Your goal: Wherever the string "units" shows up in the records below, return that line.

Source data:
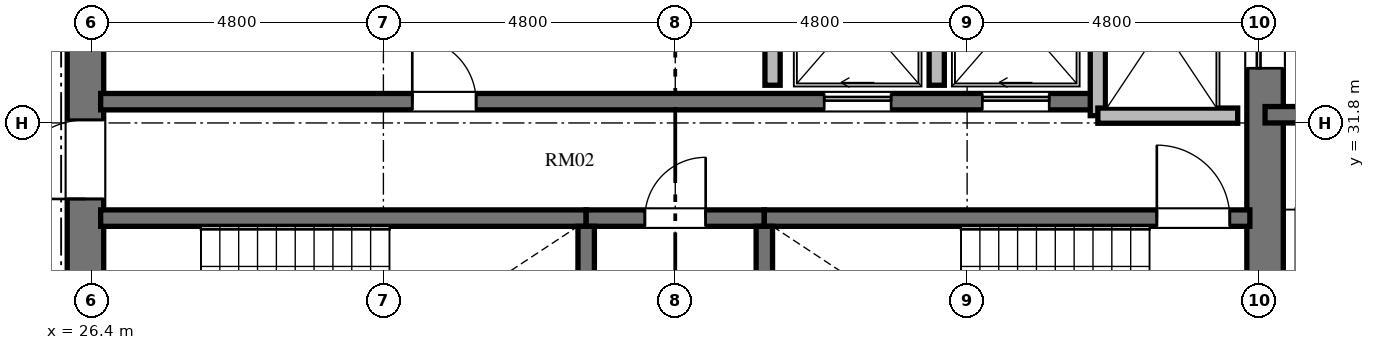
"""IFC4 building model, lengths in metres.
Left out: names, types, materials, properties, quantities, classifications, styles, units other than length and angle.
Written with IfcOpenShell. Run it as: python <this file> out.ifc"""

import sys

from ifc_helpers import new_model, si_unit, direction, frame, frame_2d, origin, place, context, subcontext, project, spatial, rectangle, extrude, element, fill, save


model = new_model("IFC4")
c1 = context("Model", 3, precision=1e-05, world=origin(), true_north=direction((0.0, 1.0)))
c2 = subcontext(c1, "Body", "Model", "MODEL_VIEW")
j1 = project(units=[si_unit("LENGTHUNIT", "METRE"), si_unit("PLANEANGLEUNIT", "RADIAN")], contexts=[c1])
p1 = place(None, origin())
s1 = spatial("IfcSite", under=j1, at=p1, CompositionType="ELEMENT")
p2 = place(p1, origin())
s2 = spatial("IfcBuilding", under=s1, at=p2, CompositionType="ELEMENT")
p3 = place(p2, frame((0.0, 0.0, 194.832)))
s3 = spatial("IfcBuildingStorey", under=s2, at=p3, CompositionType="ELEMENT", Elevation=194.832)
p4 = place(p3, frame((26.3, 20.95, 0.0), z_axis=(0.0, 0.0, 1.0), x_axis=(0.0, 1.0, 0.0)))
e1 = element("IfcWall", 1, at=p4, inside=s3, PredefinedType="SHEAR", context=c2, shape_type="SweptSolid", body=[
    extrude(rectangle(XDim=14.1, YDim=0.6, at=frame_2d((7.05, 0.0))), origin(), (0.0, 0.0, 1.0), 3.648),
])
p5 = place(p4, frame((6.5, 0.0, 0.0)))
e2 = element("IfcOpeningElement", 2, at=p5, cuts=e1, PredefinedType="OPENING", context=c2, shape_type="SweptSolid", body=[
    extrude(rectangle(XDim=1.2, YDim=2.15, at=frame_2d((0.6, 1.075))), frame((0.0, 0.31, 0.0), z_axis=(0.0, -1.0, 0.0), x_axis=(1.0, 0.0, 0.0)), (0.0, 0.0, 1.0), 0.62),
])
p6 = place(p4, frame((9.6, 0.0, 0.0)))
e3 = element("IfcOpeningElement", 3, at=p6, cuts=e1, PredefinedType="OPENING", context=c2, shape_type="SweptSolid", body=[
    extrude(rectangle(XDim=1.3, YDim=2.2, at=frame_2d((0.65, 1.1))), frame((0.0, 0.31, 0.0), z_axis=(0.0, -1.0, 0.0), x_axis=(1.0, 0.0, 0.0)), (0.0, 0.0, 1.0), 0.62),
])
p7 = place(p4, frame((3.26, 0.0, 0.0)))
e4 = element("IfcOpeningElement", 4, at=p7, cuts=e1, PredefinedType="OPENING", context=c2, shape_type="SweptSolid", body=[
    extrude(rectangle(XDim=1.3, YDim=2.2, at=frame_2d((0.65, 1.1))), frame((0.0, 0.31, 0.0), z_axis=(0.0, -1.0, 0.0), x_axis=(1.0, 0.0, 0.0)), (0.0, 0.0, 1.0), 0.62),
])
p8 = place(p3, frame((45.7, 20.95, 0.0), z_axis=(0.0, 0.0, 1.0), x_axis=(0.0, 1.0, 0.0)))
e5 = element("IfcWall", 5, at=p8, inside=s3, PredefinedType="SHEAR", context=c2, shape_type="SweptSolid", body=[
    extrude(rectangle(XDim=14.1, YDim=0.6, at=frame_2d((7.05, 0.0))), origin(), (0.0, 0.0, 1.0), 3.648),
])
p9 = place(p8, frame((11.75, 0.0, 0.0)))
e6 = element("IfcOpeningElement", 6, at=p9, cuts=e5, PredefinedType="OPENING", context=c2, shape_type="SweptSolid", body=[
    extrude(rectangle(XDim=1.4, YDim=2.3, at=frame_2d((0.7, 1.15))), frame((0.0, 0.31, 0.0), z_axis=(0.0, -1.0, 0.0), x_axis=(1.0, 0.0, 0.0)), (0.0, 0.0, 1.0), 0.62),
])
p10 = place(p8, frame((0.95, 0.0, 0.0)))
e7 = element("IfcOpeningElement", 7, at=p10, cuts=e5, PredefinedType="OPENING", context=c2, shape_type="SweptSolid", body=[
    extrude(rectangle(XDim=1.4, YDim=2.3, at=frame_2d((0.7, 1.15))), frame((0.0, 0.31, 0.0), z_axis=(0.0, -1.0, 0.0), x_axis=(1.0, 0.0, 0.0)), (0.0, 0.0, 1.0), 0.62),
])
p11 = place(p3, frame((26.55, 30.235, 0.0), z_axis=(0.0, 0.0, 1.0), x_axis=(1.0, 0.0, 0.0)))
e8 = element("IfcWall", 8, at=p11, inside=s3, PredefinedType="SHEAR", context=c2, shape_type="SweptSolid", body=[
    extrude(rectangle(XDim=7.985, YDim=0.27, at=frame_2d((3.992, 0.0))), origin(), (0.0, 0.0, 1.0), 3.648),
])
p12 = place(p3, frame((34.535, 30.235, 0.0), z_axis=(0.0, 0.0, 1.0), x_axis=(1.0, 0.0, 0.0)))
e9 = element("IfcWall", 9, at=p12, inside=s3, PredefinedType="SHEAR", context=c2, shape_type="SweptSolid", body=[
    extrude(rectangle(XDim=2.93, YDim=0.27, at=frame_2d((1.465, 0.0))), origin(), (0.0, 0.0, 1.0), 3.648),
])
p13 = place(p12, frame((0.965, 0.0, 0.0)))
e10 = element("IfcOpeningElement", 10, at=p13, cuts=e9, PredefinedType="OPENING", context=c2, shape_type="SweptSolid", body=[
    extrude(rectangle(XDim=1.0, YDim=2.1, at=frame_2d((0.5, 1.05))), frame((0.0, 0.145, 0.0), z_axis=(0.0, -1.0, 0.0), x_axis=(1.0, 0.0, 0.0)), (0.0, 0.0, 1.0), 0.29),
])
p14 = place(p3, frame((37.465, 30.235, 0.0), z_axis=(0.0, 0.0, 1.0), x_axis=(1.0, 0.0, 0.0)))
e11 = element("IfcWall", 11, at=p14, inside=s3, PredefinedType="SHEAR", context=c2, shape_type="SweptSolid", body=[
    extrude(rectangle(XDim=7.985, YDim=0.27, at=frame_2d((3.992, 0.0))), origin(), (0.0, 0.0, 1.0), 3.648),
])
p15 = place(p14, frame((6.455, 0.0, 0.0)))
e12 = element("IfcOpeningElement", 12, at=p15, cuts=e11, PredefinedType="OPENING", context=c2, shape_type="SweptSolid", body=[
    extrude(rectangle(XDim=1.2, YDim=2.15, at=frame_2d((0.6, 1.075))), frame((0.0, 0.145, 0.0), z_axis=(0.0, -1.0, 0.0), x_axis=(1.0, 0.0, 0.0)), (0.0, 0.0, 1.0), 0.29),
])
for number, where, z_axis, x_axis in (
    (13, (34.535, 26.02, 0.0), (0.0, 0.0, 1.0), (0.0, 1.0, 0.0)),
    (14, (37.465, 26.02, 0.0), (0.0, 0.0, 1.0), (0.0, 1.0, 0.0)),
):
    element("IfcWall", number, at=place(p3, frame(where, z_axis=z_axis, x_axis=x_axis)), inside=s3, PredefinedType="SHEAR", context=c2, shape_type="SweptSolid", body=[
        extrude(rectangle(XDim=4.08, YDim=0.27, at=frame_2d((2.04, 0.0))), origin(), (0.0, 0.0, 1.0), 3.648),
    ])
p16 = place(p3, frame((26.55, 32.15, 0.0), z_axis=(0.0, 0.0, 1.0), x_axis=(1.0, 0.0, 0.0)))
e15 = element("IfcWall", 15, at=p16, inside=s3, PredefinedType="SHEAR", context=c2, shape_type="SweptSolid", body=[
    extrude(rectangle(XDim=16.4, YDim=0.27, at=frame_2d((8.2, 0.0))), origin(), (0.0, 0.0, 1.0), 3.648),
])
p17 = place(p16, frame((5.125, 0.0, 0.0)))
e16 = element("IfcOpeningElement", 16, at=p17, cuts=e15, PredefinedType="OPENING", context=c2, shape_type="SweptSolid", body=[
    extrude(rectangle(XDim=1.05, YDim=2.15, at=frame_2d((0.525, 1.075))), frame((0.0, 0.145, 0.0), z_axis=(0.0, -1.0, 0.0), x_axis=(1.0, 0.0, 0.0)), (0.0, 0.0, 1.0), 0.29),
])
p18 = place(p16, frame((11.9, 0.0, 0.0)))
e17 = element("IfcOpeningElement", 17, at=p18, cuts=e15, PredefinedType="OPENING", context=c2, shape_type="SweptSolid", body=[
    extrude(rectangle(XDim=1.1, YDim=2.2, at=frame_2d((0.55, 1.1))), frame((0.0, 0.145, 0.0), z_axis=(0.0, -1.0, 0.0), x_axis=(1.0, 0.0, 0.0)), (0.0, 0.0, 1.0), 0.29),
])
p19 = place(p16, frame((14.5, 0.0, 0.0)))
e18 = element("IfcOpeningElement", 18, at=p19, cuts=e15, PredefinedType="OPENING", context=c2, shape_type="SweptSolid", body=[
    extrude(rectangle(XDim=1.1, YDim=2.2, at=frame_2d((0.55, 1.1))), frame((0.0, 0.145, 0.0), z_axis=(0.0, -1.0, 0.0), x_axis=(1.0, 0.0, 0.0)), (0.0, 0.0, 1.0), 0.29),
])
p20 = place(p3, frame((42.95, 31.92, 0.0), z_axis=(0.0, 0.0, 1.0), x_axis=(0.0, 1.0, 0.0)))
e19 = element("IfcWall", 19, at=p20, inside=s3, PredefinedType="SOLIDWALL", context=c2, shape_type="SweptSolid", body=[
    extrude(rectangle(XDim=3.18, YDim=0.25, at=frame_2d((1.59, 0.0))), origin(), (0.0, 0.0, 1.0), 3.448),
])
p21 = place(p3, frame((42.95, 31.92, 0.0), z_axis=(0.0, 0.0, 1.0), x_axis=(1.0, 0.0, 0.0)))
e20 = element("IfcWall", 20, at=p21, inside=s3, PredefinedType="SOLIDWALL", context=c2, shape_type="SweptSolid", body=[
    extrude(rectangle(XDim=2.3, YDim=0.25, at=frame_2d((1.15, 0.0))), origin(), (0.0, 0.0, 1.0), 3.448),
])
for number, where, z_axis, x_axis in (
    (21, (37.6, 32.42, 0.0), (0.0, 0.0, 1.0), (0.0, 1.0, 0.0)),
    (22, (40.3, 32.42, 0.0), (0.0, 0.0, 1.0), (0.0, 1.0, 0.0)),
):
    element("IfcWall", number, at=place(p3, frame(where, z_axis=z_axis, x_axis=x_axis)), inside=s3, PredefinedType="SOLIDWALL", context=c2, shape_type="SweptSolid", body=[
        extrude(rectangle(XDim=2.68, YDim=0.25, at=frame_2d((1.34, 0.0))), origin(), (0.0, 0.0, 1.0), 3.448),
    ])
p22 = place(p3, frame((45.7, 31.935, 0.0), z_axis=(0.0, 0.0, 1.0), x_axis=(1.0, 0.0, 0.0)))
e23 = element("IfcWall", 23, at=p22, inside=s3, PredefinedType="SHEAR", context=c2, shape_type="SweptSolid", body=[
    extrude(rectangle(XDim=4.715, YDim=0.27, at=frame_2d((2.357, 0.0))), origin(), (0.0, 0.0, 1.0), 3.648),
])
p23 = place(p15, origin())
e24 = element("IfcDoor", 24, at=p23, inside=s3, OperationType="SINGLE_SWING_LEFT", PredefinedType="DOOR", context=c2, shape_type="SweptSolid", body=[
    extrude(rectangle(XDim=1.2, YDim=2.15, at=frame_2d((0.6, 1.075))), frame((0.0, 0.025, 0.0), z_axis=(0.0, -1.0, 0.0), x_axis=(1.0, 0.0, 0.0)), (0.0, 0.0, 1.0), 0.05),
])
fill(e12, e24)
p24 = place(p13, origin())
e25 = element("IfcDoor", 25, at=p24, inside=s3, OperationType="SINGLE_SWING_RIGHT", PredefinedType="DOOR", context=c2, shape_type="SweptSolid", body=[
    extrude(rectangle(XDim=1.0, YDim=2.1, at=frame_2d((0.5, 1.05))), frame((0.0, 0.025, 0.0), z_axis=(0.0, -1.0, 0.0), x_axis=(1.0, 0.0, 0.0)), (0.0, 0.0, 1.0), 0.05),
])
fill(e10, e25)
p25 = place(p6, origin())
e26 = element("IfcDoor", 26, at=p25, inside=s3, OperationType="SINGLE_SWING_LEFT", PredefinedType="DOOR", context=c2, shape_type="SweptSolid", body=[
    extrude(rectangle(XDim=1.3, YDim=2.2, at=frame_2d((0.65, 1.1))), frame((0.0, 0.025, 0.0), z_axis=(0.0, -1.0, 0.0), x_axis=(1.0, 0.0, 0.0)), (0.0, 0.0, 1.0), 0.05),
])
fill(e3, e26)
p26 = place(p17, origin())
e27 = element("IfcDoor", 27, at=p26, inside=s3, OperationType="SINGLE_SWING_LEFT", PredefinedType="DOOR", context=c2, shape_type="SweptSolid", body=[
    extrude(rectangle(XDim=1.05, YDim=2.15, at=frame_2d((0.525, 1.075))), frame((0.0, 0.025, 0.0), z_axis=(0.0, -1.0, 0.0), x_axis=(1.0, 0.0, 0.0)), (0.0, 0.0, 1.0), 0.05),
])
fill(e16, e27)
p27 = place(p18, origin())
e28 = element("IfcDoor", 28, at=p27, inside=s3, OperationType="SLIDING_TO_LEFT", PredefinedType="DOOR", context=c2, shape_type="SweptSolid", body=[
    extrude(rectangle(XDim=1.1, YDim=2.2, at=frame_2d((0.55, 1.1))), frame((0.0, 0.025, 0.0), z_axis=(0.0, -1.0, 0.0), x_axis=(1.0, 0.0, 0.0)), (0.0, 0.0, 1.0), 0.05),
])
fill(e17, e28)
p28 = place(p19, origin())
e29 = element("IfcDoor", 29, at=p28, inside=s3, OperationType="SLIDING_TO_LEFT", PredefinedType="DOOR", context=c2, shape_type="SweptSolid", body=[
    extrude(rectangle(XDim=1.1, YDim=2.2, at=frame_2d((0.55, 1.1))), frame((0.0, 0.025, 0.0), z_axis=(0.0, -1.0, 0.0), x_axis=(1.0, 0.0, 0.0)), (0.0, 0.0, 1.0), 0.05),
])
fill(e18, e29)
p29 = place(p9, origin())
e30 = element("IfcDoor", 30, at=p29, inside=s3, OperationType="SLIDING_TO_LEFT", PredefinedType="DOOR", context=c2, shape_type="SweptSolid", body=[
    extrude(rectangle(XDim=1.4, YDim=2.3, at=frame_2d((0.7, 1.15))), frame((0.0, 0.025, 0.0), z_axis=(0.0, -1.0, 0.0), x_axis=(1.0, 0.0, 0.0)), (0.0, 0.0, 1.0), 0.05),
])
fill(e6, e30)
save(model, sys.argv[1])

Exercise solution:
Left out: names, types, materials, properties, quantities, classifications, styles, units other than length and angle.
j1 = project(units=[si_unit("LENGTHUNIT", "METRE"), si_unit("PLANEANGLEUNIT", "RADIAN")], contexts=[c1])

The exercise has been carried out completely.